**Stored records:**
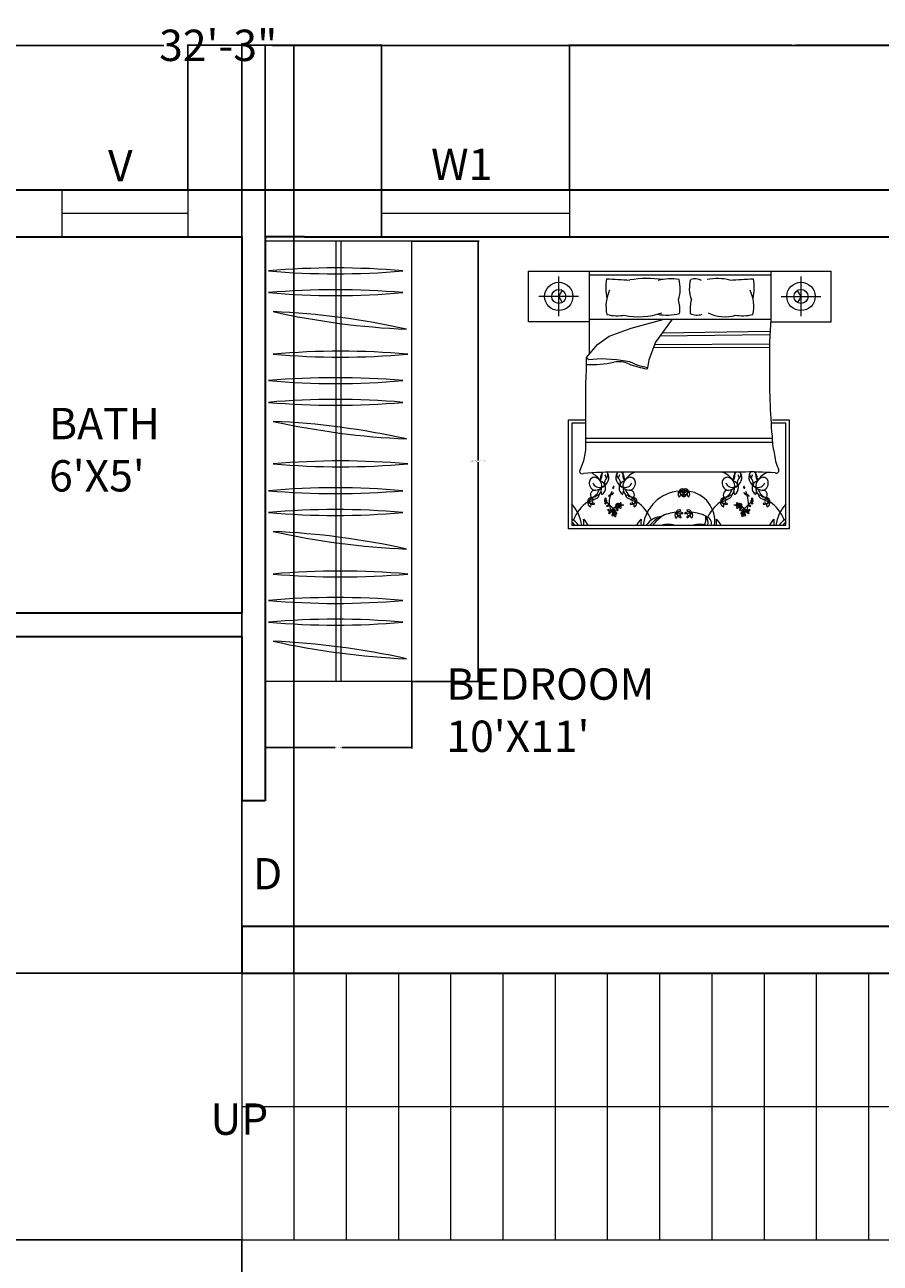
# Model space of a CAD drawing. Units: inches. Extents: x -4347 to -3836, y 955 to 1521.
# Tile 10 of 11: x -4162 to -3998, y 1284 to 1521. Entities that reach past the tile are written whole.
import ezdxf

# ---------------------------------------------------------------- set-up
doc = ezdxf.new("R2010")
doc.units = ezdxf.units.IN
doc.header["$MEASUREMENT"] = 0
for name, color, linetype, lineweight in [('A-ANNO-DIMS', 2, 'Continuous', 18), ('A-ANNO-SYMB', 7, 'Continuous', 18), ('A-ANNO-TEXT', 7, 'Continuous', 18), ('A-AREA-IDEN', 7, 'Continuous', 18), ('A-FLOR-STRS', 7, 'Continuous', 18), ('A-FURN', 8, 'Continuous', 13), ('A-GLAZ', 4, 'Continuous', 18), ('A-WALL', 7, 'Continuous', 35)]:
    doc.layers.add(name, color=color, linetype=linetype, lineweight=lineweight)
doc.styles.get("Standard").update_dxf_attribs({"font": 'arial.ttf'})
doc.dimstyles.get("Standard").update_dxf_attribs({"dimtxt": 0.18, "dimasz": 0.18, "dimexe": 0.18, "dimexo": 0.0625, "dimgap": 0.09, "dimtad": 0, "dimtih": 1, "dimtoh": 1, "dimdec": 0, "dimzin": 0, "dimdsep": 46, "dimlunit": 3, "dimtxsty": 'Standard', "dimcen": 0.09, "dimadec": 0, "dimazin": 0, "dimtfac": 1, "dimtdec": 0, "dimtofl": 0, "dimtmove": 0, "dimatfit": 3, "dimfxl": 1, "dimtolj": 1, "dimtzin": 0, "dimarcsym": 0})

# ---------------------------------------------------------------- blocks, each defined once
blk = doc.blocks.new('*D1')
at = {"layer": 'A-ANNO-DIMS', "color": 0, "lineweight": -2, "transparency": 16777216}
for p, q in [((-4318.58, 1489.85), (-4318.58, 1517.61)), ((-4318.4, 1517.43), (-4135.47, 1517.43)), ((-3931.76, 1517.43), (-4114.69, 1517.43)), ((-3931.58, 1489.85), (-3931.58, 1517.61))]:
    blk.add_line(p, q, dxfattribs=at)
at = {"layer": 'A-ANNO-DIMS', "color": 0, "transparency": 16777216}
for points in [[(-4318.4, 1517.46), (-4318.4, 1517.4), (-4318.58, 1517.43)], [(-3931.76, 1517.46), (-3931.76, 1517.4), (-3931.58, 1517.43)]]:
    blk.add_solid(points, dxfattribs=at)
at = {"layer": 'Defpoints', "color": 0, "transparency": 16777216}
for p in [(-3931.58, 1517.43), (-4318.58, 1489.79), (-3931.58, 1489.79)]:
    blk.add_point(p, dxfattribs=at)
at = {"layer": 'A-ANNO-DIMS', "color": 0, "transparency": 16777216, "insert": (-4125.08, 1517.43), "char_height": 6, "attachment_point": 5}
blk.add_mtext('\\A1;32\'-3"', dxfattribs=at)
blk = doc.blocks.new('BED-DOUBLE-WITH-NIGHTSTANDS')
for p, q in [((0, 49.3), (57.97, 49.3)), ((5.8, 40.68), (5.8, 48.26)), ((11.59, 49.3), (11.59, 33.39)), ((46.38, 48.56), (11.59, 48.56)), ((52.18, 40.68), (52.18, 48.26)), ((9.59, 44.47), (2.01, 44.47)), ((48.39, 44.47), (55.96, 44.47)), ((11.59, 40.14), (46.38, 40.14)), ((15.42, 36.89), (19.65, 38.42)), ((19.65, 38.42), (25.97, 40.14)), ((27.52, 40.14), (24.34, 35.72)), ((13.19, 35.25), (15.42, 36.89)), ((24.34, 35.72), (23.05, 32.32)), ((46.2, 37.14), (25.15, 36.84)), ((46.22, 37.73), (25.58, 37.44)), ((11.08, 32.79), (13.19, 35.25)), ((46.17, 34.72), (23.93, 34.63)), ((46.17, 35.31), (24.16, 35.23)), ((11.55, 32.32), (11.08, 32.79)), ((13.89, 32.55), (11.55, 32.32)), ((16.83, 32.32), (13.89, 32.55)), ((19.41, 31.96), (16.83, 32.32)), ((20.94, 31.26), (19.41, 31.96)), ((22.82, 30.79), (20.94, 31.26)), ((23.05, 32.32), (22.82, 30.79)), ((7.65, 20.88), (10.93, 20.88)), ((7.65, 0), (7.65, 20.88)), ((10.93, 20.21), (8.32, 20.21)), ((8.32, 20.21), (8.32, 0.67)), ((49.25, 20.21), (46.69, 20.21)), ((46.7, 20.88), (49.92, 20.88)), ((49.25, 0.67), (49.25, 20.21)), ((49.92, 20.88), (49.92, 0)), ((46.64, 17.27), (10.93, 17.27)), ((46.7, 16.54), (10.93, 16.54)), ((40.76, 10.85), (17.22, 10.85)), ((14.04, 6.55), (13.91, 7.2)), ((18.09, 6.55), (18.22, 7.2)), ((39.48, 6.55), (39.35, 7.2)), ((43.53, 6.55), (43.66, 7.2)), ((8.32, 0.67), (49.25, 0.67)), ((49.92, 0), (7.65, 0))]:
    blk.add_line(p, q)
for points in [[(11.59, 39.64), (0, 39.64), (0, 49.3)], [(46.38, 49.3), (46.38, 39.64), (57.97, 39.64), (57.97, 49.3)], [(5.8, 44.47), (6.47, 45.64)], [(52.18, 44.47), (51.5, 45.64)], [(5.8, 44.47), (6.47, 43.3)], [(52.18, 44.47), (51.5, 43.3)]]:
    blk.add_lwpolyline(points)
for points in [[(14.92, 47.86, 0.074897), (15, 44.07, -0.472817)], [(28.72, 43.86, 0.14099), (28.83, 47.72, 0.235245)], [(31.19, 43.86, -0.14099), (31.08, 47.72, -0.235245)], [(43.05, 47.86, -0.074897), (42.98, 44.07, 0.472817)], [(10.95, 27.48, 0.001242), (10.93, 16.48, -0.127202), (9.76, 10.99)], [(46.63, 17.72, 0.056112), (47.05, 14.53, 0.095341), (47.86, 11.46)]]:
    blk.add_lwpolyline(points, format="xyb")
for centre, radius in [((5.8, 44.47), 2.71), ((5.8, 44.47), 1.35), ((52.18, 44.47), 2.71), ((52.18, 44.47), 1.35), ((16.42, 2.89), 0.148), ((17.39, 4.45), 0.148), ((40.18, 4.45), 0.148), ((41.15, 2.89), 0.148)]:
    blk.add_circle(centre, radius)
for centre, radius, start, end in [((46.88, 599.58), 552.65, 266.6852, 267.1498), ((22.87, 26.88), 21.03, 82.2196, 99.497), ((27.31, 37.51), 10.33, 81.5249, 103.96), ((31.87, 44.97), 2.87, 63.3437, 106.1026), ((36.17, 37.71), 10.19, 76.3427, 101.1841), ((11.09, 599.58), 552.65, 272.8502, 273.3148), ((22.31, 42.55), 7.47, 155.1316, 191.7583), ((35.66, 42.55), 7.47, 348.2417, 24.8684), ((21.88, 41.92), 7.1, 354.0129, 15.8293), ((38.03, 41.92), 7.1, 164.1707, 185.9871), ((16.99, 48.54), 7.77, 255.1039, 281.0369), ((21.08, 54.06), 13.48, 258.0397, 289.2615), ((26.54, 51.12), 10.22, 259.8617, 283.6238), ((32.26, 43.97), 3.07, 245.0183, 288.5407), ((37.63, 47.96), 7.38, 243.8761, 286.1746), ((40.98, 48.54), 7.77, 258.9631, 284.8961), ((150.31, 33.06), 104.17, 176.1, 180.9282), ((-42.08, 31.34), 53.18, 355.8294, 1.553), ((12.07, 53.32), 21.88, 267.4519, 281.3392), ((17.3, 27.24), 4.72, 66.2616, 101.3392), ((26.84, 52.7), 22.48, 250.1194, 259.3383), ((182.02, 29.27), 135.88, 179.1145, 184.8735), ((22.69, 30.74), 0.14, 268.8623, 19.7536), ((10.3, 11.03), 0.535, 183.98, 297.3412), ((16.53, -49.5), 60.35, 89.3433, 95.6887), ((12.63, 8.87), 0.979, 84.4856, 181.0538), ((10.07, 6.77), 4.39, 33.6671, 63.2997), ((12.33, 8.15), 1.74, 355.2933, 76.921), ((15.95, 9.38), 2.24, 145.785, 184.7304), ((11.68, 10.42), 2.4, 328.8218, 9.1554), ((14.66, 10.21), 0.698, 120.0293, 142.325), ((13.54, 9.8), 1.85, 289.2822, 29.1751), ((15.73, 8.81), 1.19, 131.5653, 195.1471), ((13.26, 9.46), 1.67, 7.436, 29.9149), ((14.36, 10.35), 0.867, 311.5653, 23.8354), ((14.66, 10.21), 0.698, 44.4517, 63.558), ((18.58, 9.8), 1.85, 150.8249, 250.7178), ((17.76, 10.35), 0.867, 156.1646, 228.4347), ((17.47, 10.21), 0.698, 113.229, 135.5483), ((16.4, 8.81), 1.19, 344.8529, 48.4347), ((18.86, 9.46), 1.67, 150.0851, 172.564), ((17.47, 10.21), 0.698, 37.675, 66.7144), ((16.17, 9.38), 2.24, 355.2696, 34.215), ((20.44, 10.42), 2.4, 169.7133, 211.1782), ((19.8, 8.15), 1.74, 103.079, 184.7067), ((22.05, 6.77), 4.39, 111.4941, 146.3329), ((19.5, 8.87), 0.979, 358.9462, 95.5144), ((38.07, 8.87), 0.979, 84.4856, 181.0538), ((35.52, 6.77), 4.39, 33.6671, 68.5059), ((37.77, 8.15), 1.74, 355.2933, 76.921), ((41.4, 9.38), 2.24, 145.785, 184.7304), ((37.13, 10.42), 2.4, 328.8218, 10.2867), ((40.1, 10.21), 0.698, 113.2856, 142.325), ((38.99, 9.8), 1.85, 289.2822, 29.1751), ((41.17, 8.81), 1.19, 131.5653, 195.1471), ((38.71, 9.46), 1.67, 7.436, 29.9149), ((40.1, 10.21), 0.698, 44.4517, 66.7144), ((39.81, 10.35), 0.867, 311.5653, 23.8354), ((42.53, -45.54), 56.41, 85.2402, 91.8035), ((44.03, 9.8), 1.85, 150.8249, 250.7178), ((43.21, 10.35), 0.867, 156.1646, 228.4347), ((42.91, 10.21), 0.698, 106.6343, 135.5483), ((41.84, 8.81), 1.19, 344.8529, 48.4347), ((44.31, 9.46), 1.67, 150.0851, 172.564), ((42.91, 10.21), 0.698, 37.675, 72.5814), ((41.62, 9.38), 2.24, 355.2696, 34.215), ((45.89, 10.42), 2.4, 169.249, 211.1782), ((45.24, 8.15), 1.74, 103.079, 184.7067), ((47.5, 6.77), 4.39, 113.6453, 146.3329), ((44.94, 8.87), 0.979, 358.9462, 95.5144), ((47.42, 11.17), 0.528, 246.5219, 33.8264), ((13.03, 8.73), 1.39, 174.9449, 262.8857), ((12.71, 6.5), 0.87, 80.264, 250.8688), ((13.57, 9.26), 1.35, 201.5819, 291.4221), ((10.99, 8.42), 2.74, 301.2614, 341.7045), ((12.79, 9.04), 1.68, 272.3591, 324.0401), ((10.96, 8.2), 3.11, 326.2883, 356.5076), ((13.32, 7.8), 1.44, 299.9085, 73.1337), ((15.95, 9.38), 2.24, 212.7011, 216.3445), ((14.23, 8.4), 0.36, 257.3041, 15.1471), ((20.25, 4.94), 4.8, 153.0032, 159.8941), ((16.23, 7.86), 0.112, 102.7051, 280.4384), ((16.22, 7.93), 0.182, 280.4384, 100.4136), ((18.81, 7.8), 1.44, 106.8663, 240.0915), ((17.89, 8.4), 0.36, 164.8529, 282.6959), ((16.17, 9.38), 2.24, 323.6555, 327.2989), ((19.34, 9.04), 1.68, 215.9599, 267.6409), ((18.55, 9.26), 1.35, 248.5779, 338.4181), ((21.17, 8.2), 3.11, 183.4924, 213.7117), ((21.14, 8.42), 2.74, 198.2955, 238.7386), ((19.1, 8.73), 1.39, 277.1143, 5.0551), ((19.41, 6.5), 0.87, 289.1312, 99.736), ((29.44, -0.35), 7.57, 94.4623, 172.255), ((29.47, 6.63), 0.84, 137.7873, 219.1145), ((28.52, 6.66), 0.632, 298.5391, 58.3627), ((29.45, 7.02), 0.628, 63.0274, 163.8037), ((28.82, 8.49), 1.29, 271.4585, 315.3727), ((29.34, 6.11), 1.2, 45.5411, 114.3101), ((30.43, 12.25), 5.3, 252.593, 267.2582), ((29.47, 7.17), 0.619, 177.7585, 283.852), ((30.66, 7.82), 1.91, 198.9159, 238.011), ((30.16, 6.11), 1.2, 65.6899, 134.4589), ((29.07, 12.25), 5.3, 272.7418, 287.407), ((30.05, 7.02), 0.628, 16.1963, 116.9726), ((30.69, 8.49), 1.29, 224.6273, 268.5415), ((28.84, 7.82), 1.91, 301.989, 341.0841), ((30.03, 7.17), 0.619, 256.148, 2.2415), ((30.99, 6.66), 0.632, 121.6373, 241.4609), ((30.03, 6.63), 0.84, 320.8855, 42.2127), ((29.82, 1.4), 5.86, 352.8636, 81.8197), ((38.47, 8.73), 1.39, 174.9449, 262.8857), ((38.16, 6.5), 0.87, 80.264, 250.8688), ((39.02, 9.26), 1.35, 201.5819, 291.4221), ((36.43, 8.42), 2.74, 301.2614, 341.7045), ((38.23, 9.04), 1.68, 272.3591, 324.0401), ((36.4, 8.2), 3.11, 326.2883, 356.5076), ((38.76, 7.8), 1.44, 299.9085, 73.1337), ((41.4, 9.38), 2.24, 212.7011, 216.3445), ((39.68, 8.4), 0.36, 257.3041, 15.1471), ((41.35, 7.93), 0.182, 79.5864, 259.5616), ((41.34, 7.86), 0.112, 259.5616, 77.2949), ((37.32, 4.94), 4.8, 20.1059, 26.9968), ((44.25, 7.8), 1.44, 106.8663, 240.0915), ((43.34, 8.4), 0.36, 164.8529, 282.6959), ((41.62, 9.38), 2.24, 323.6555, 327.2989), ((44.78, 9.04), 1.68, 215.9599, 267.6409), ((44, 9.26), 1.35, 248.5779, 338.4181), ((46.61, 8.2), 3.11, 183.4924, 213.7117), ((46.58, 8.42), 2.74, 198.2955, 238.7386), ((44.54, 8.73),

**Exercise:** Start with the line above that contains "blk.add_lwpolyline(points)" and stop after the line that contains "blk.add_circle(centre, radius)". Output those lines exactly, and only those.

**Solution below:**
    blk.add_lwpolyline(points)
for points in [[(14.92, 47.86, 0.074897), (15, 44.07, -0.472817)], [(28.72, 43.86, 0.14099), (28.83, 47.72, 0.235245)], [(31.19, 43.86, -0.14099), (31.08, 47.72, -0.235245)], [(43.05, 47.86, -0.074897), (42.98, 44.07, 0.472817)], [(10.95, 27.48, 0.001242), (10.93, 16.48, -0.127202), (9.76, 10.99)], [(46.63, 17.72, 0.056112), (47.05, 14.53, 0.095341), (47.86, 11.46)]]:
    blk.add_lwpolyline(points, format="xyb")
for centre, radius in [((5.8, 44.47), 2.71), ((5.8, 44.47), 1.35), ((52.18, 44.47), 2.71), ((52.18, 44.47), 1.35), ((16.42, 2.89), 0.148), ((17.39, 4.45), 0.148), ((40.18, 4.45), 0.148), ((41.15, 2.89), 0.148)]:
    blk.add_circle(centre, radius)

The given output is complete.